**What is expected**
Every line in the listing below that holds the word "CompositionType" should be returned.

++++++++

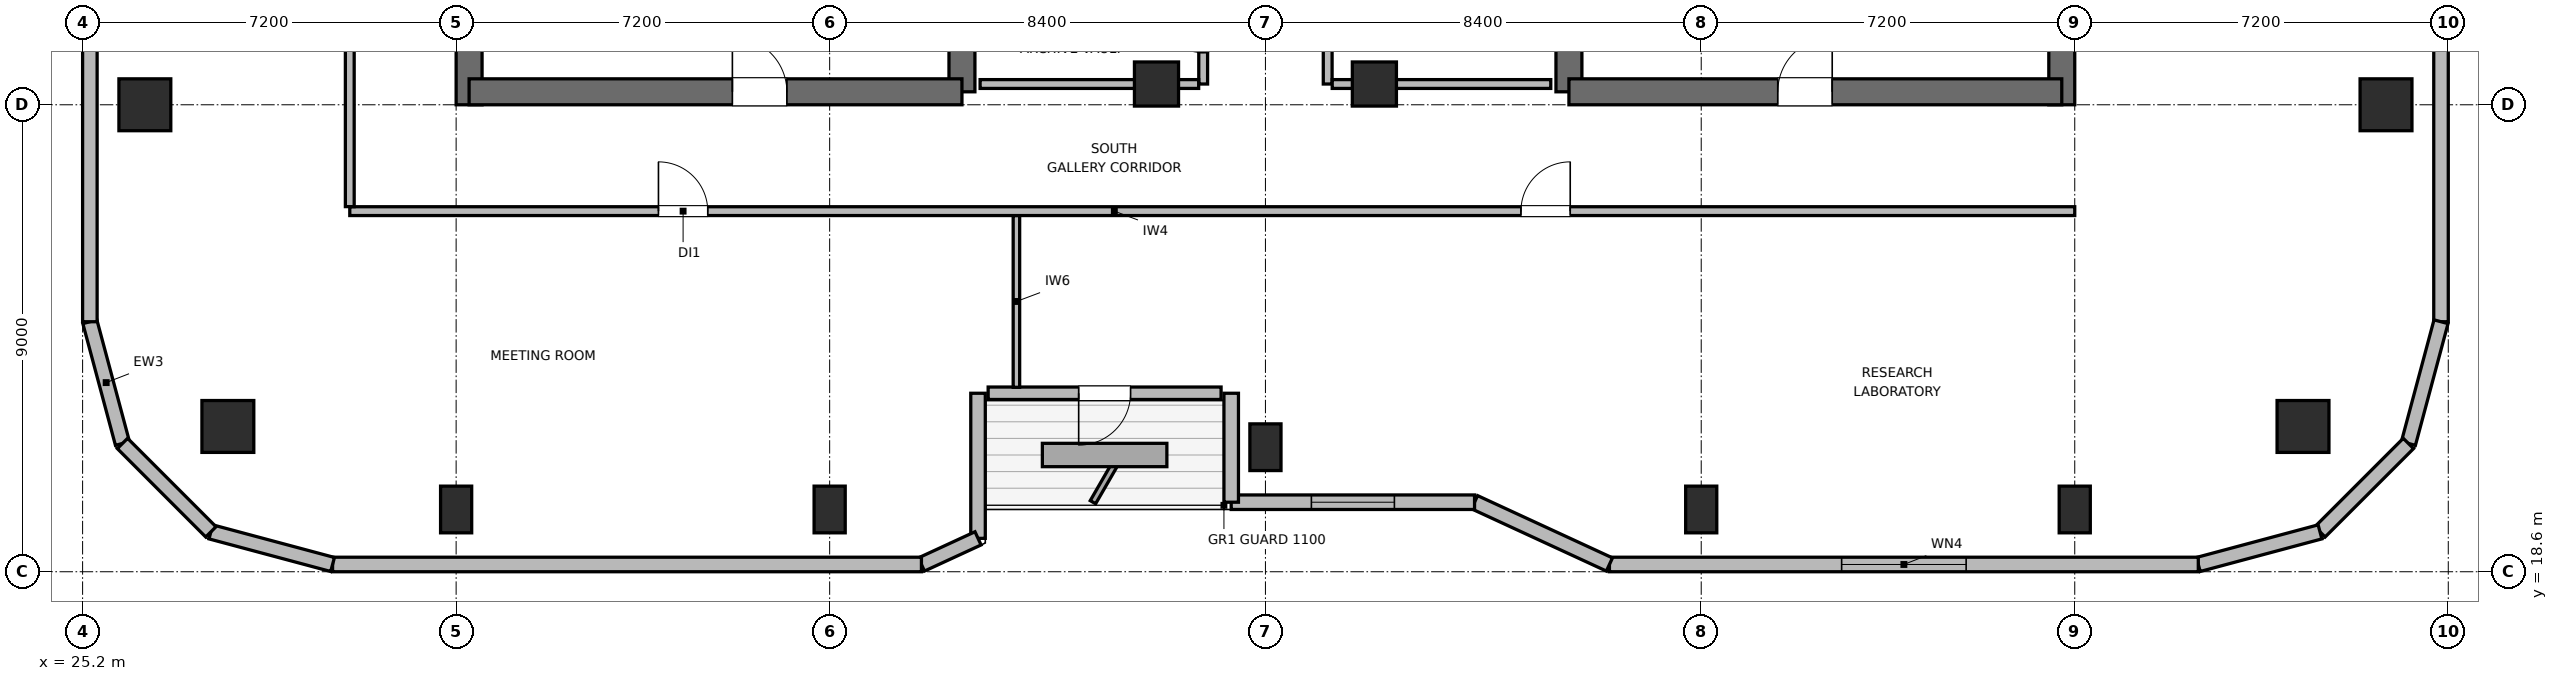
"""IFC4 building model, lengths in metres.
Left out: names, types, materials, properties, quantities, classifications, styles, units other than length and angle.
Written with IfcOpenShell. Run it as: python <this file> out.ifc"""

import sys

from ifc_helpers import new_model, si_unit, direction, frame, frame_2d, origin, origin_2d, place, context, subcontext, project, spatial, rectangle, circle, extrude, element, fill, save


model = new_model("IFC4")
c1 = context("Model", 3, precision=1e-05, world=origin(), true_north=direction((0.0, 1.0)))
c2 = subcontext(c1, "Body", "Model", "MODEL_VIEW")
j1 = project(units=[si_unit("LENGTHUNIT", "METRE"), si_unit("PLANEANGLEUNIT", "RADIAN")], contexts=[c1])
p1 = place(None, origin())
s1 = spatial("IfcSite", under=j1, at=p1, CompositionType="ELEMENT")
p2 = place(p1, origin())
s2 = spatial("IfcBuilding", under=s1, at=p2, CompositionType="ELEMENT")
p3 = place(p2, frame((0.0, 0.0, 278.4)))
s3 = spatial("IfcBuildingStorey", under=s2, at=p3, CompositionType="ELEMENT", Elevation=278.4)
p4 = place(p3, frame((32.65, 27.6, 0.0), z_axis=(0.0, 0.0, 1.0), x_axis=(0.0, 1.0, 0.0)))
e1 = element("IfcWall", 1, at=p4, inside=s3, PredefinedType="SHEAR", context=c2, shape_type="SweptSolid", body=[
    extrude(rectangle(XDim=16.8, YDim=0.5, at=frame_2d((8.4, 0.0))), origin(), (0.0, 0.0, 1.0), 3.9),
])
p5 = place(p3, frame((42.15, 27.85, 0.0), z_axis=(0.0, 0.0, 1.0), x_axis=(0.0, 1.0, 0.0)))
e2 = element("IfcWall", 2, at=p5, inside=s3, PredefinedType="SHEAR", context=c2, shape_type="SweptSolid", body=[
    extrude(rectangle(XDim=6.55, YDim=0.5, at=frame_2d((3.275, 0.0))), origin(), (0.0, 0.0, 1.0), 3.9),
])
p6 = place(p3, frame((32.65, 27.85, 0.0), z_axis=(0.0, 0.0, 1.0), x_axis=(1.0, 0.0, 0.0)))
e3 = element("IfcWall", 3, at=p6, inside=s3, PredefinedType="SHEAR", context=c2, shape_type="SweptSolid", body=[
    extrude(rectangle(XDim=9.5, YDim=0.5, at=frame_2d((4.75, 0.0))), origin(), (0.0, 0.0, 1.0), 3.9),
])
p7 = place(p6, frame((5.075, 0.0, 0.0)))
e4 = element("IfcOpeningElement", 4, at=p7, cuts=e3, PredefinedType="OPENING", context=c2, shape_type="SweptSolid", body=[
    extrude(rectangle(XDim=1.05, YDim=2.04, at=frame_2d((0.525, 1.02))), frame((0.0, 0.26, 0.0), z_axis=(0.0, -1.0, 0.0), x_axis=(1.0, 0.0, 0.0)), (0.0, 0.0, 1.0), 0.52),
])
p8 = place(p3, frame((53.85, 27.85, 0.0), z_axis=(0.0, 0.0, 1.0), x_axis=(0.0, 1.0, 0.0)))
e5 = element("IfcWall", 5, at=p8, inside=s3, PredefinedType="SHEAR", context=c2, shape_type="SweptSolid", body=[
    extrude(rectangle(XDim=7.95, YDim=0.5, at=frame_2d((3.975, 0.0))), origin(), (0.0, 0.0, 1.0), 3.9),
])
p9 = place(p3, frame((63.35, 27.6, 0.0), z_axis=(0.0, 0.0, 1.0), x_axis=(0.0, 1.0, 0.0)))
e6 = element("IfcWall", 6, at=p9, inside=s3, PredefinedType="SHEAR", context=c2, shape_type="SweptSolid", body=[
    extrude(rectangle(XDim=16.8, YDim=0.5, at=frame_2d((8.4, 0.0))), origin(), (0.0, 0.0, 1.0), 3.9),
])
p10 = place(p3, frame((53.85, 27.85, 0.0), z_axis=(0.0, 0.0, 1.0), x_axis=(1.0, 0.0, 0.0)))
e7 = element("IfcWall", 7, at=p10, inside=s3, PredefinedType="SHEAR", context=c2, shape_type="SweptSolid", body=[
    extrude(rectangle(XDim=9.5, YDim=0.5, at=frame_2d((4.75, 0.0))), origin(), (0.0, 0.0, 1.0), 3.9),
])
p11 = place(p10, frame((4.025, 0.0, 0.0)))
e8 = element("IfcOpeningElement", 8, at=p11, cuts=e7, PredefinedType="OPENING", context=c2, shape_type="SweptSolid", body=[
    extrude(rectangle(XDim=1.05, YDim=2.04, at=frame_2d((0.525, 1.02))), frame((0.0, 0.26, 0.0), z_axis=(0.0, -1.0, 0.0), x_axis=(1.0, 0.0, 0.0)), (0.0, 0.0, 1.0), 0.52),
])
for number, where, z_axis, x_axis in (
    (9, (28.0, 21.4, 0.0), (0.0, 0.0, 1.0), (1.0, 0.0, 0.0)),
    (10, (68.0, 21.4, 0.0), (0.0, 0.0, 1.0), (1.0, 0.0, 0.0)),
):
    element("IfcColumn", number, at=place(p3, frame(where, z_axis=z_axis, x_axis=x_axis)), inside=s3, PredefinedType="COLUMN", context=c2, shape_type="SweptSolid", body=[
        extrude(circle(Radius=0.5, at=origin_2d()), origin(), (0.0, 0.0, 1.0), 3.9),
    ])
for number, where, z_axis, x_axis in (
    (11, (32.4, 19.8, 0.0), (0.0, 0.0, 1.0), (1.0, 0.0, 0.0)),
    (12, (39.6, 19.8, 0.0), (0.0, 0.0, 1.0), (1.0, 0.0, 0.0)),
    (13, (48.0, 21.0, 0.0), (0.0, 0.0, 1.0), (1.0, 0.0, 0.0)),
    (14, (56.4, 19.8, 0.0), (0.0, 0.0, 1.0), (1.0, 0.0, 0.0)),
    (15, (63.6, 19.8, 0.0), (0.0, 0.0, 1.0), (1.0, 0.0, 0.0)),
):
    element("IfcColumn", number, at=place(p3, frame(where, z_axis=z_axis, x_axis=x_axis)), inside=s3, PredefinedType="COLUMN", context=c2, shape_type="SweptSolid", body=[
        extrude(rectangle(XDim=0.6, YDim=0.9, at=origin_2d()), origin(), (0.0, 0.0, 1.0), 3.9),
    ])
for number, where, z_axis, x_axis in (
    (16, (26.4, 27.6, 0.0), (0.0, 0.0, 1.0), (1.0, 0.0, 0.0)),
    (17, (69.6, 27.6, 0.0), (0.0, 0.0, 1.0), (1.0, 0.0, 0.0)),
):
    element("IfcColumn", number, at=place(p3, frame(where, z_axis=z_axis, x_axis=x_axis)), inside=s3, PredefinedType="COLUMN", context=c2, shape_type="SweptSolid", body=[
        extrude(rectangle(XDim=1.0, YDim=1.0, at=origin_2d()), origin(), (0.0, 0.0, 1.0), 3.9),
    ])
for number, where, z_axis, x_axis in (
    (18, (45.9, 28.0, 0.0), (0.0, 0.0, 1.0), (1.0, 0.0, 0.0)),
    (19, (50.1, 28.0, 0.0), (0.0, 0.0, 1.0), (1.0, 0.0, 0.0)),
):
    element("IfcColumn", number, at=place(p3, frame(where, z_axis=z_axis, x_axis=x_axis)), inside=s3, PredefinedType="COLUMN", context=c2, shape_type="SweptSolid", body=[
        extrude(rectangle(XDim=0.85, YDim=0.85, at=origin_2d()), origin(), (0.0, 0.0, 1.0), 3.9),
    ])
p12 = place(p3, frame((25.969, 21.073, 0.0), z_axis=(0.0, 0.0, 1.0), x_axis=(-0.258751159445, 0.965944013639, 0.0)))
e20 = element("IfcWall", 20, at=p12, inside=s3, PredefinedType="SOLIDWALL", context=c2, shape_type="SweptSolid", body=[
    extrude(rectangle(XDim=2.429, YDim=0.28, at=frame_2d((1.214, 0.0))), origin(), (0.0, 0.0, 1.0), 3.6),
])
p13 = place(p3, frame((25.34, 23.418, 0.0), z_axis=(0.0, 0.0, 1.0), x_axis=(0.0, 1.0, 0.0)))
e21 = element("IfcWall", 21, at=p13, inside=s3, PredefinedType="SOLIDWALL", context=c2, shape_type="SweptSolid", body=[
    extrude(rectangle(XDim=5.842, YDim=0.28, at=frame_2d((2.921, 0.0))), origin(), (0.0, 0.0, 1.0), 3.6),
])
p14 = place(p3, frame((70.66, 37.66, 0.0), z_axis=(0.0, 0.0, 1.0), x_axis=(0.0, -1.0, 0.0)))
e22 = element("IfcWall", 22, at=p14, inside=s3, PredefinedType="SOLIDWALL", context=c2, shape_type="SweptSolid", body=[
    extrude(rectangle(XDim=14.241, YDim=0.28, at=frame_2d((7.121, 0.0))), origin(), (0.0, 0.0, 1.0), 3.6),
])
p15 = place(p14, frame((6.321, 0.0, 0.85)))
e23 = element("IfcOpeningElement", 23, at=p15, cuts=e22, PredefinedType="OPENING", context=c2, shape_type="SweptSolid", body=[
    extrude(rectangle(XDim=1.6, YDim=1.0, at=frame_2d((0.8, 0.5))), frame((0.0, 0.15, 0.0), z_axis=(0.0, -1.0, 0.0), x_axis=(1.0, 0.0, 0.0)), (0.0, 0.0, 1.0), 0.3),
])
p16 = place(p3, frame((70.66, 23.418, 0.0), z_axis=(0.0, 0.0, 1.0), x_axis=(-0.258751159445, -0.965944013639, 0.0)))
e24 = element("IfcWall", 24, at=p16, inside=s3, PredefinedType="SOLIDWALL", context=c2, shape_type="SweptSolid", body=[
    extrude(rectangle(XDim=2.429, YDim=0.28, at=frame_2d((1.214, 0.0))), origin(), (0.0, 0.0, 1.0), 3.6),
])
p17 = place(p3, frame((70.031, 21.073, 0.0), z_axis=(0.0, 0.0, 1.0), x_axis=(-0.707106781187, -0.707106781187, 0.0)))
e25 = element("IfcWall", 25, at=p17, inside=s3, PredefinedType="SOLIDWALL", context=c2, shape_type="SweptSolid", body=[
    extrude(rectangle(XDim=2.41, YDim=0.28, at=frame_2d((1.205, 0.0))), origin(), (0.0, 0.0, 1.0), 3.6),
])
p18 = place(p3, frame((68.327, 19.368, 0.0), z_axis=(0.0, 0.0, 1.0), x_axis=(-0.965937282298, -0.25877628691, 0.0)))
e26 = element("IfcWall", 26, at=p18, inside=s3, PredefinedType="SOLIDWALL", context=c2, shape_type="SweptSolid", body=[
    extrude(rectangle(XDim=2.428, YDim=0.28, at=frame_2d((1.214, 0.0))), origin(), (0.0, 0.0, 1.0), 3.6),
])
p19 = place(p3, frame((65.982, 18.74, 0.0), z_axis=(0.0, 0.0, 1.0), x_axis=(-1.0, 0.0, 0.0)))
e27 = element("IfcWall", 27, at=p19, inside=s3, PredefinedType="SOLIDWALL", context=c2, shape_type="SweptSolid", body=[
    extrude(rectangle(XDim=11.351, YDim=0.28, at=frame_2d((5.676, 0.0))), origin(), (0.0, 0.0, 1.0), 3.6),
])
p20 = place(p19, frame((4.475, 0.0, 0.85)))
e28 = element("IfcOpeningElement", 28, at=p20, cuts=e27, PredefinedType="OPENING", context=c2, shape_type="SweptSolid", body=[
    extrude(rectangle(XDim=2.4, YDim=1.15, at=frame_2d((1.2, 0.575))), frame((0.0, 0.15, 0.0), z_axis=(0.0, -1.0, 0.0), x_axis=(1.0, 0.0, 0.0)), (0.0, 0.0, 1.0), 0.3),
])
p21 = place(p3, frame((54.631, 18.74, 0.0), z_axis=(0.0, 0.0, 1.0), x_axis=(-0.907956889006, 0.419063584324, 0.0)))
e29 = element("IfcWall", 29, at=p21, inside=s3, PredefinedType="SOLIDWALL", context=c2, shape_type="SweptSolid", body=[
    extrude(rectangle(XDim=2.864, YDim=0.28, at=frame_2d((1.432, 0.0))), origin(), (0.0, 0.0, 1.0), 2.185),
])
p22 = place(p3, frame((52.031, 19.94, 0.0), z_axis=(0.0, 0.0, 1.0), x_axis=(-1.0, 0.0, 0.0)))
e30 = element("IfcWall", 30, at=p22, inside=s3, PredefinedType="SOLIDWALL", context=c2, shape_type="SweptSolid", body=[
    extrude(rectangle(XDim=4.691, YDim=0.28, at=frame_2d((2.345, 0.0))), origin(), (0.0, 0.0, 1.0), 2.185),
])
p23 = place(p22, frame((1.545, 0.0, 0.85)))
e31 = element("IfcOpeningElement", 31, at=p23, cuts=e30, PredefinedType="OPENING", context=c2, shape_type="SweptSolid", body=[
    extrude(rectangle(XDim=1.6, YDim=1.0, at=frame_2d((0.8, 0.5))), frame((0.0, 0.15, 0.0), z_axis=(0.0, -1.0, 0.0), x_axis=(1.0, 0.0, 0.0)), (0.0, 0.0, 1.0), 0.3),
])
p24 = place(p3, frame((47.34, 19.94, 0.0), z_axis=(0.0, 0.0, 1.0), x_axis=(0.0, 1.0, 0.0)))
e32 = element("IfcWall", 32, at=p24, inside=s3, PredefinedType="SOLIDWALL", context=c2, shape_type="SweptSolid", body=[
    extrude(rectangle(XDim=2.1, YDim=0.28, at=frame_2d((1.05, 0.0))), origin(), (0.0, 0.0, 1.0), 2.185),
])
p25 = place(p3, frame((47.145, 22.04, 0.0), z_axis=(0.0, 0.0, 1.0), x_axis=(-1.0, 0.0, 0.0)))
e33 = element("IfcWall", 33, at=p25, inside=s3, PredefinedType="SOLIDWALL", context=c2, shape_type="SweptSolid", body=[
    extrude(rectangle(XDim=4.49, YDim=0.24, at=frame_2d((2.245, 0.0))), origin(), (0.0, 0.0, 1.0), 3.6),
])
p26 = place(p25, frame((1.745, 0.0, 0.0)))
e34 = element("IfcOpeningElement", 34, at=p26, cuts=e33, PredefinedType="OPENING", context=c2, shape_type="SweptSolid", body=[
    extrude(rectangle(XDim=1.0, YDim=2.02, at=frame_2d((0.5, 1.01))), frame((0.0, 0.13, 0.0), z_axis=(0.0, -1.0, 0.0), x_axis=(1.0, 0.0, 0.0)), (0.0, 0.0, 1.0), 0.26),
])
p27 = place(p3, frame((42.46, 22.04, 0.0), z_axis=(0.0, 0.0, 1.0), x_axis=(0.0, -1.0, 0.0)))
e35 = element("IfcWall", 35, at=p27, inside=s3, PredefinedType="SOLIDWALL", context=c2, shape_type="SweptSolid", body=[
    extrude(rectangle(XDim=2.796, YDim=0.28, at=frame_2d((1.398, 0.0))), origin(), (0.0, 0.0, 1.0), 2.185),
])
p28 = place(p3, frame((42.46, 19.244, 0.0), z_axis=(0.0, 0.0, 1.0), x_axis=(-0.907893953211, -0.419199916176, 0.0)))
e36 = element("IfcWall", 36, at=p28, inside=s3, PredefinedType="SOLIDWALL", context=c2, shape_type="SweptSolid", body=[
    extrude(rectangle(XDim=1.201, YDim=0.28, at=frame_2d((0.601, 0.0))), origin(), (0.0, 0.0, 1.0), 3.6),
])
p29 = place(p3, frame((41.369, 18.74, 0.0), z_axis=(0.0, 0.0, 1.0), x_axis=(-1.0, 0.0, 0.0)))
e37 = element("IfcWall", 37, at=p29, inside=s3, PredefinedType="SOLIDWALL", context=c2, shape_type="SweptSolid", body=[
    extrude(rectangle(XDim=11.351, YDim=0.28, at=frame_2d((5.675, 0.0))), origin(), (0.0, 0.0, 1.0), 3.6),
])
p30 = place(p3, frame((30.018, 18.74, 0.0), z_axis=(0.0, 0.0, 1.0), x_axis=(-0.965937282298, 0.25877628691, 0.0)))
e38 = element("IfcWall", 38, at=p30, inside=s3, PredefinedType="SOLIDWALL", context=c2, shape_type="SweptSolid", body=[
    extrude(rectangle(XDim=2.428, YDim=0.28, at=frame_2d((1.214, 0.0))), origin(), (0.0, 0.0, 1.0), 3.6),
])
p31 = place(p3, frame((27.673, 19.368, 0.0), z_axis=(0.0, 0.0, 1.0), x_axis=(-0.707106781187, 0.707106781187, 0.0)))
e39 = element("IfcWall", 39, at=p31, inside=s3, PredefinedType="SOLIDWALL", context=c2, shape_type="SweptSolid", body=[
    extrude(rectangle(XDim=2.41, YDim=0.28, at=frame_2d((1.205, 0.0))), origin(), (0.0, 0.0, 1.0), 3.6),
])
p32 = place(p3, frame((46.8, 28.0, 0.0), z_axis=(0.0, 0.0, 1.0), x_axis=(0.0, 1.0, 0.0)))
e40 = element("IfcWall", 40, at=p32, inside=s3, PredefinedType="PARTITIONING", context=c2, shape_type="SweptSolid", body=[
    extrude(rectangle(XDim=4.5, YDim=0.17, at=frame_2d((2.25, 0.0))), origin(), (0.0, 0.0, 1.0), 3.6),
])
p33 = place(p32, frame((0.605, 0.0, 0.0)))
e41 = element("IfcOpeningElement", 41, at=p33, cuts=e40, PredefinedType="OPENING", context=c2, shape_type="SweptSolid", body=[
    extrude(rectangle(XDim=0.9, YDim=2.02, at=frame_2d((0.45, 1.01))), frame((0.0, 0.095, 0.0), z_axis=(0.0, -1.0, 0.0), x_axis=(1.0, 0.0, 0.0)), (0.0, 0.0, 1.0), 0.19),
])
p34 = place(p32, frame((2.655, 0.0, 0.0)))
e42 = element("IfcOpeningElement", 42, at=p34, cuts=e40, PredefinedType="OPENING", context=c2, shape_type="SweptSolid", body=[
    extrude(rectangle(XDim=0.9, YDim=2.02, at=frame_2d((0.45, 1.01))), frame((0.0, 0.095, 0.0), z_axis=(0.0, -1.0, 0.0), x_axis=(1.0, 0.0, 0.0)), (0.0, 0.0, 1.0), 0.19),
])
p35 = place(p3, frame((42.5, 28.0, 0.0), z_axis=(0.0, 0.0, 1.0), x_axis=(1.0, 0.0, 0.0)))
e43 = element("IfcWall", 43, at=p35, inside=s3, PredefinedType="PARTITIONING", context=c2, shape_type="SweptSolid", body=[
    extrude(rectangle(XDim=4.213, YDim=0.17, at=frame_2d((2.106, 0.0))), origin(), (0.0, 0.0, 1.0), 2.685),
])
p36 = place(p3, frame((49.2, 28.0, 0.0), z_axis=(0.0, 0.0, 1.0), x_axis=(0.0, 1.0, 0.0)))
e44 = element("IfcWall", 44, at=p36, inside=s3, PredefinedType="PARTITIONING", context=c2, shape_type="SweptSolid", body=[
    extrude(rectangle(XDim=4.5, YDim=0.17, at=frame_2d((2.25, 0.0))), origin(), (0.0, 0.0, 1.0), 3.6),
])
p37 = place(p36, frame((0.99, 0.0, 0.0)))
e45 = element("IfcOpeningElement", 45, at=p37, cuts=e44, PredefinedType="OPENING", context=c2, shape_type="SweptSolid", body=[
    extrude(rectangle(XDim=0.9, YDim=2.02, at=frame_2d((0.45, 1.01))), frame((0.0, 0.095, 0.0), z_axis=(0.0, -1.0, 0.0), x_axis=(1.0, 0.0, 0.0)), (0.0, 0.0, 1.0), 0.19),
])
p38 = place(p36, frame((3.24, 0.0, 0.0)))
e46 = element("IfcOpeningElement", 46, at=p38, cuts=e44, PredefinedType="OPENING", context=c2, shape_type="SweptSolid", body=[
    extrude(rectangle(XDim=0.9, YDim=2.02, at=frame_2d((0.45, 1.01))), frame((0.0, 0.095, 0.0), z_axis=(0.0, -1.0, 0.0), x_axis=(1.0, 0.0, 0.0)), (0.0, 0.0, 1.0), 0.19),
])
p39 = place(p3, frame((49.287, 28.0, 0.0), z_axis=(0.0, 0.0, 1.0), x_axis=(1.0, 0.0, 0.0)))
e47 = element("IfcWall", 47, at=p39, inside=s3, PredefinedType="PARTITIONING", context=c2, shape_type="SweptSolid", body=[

++++++++

**Solution to this exercise**
s1 = spatial("IfcSite", under=j1, at=p1, CompositionType="ELEMENT")
s2 = spatial("IfcBuilding", under=s1, at=p2, CompositionType="ELEMENT")
s3 = spatial("IfcBuildingStorey", under=s2, at=p3, CompositionType="ELEMENT", Elevation=278.4)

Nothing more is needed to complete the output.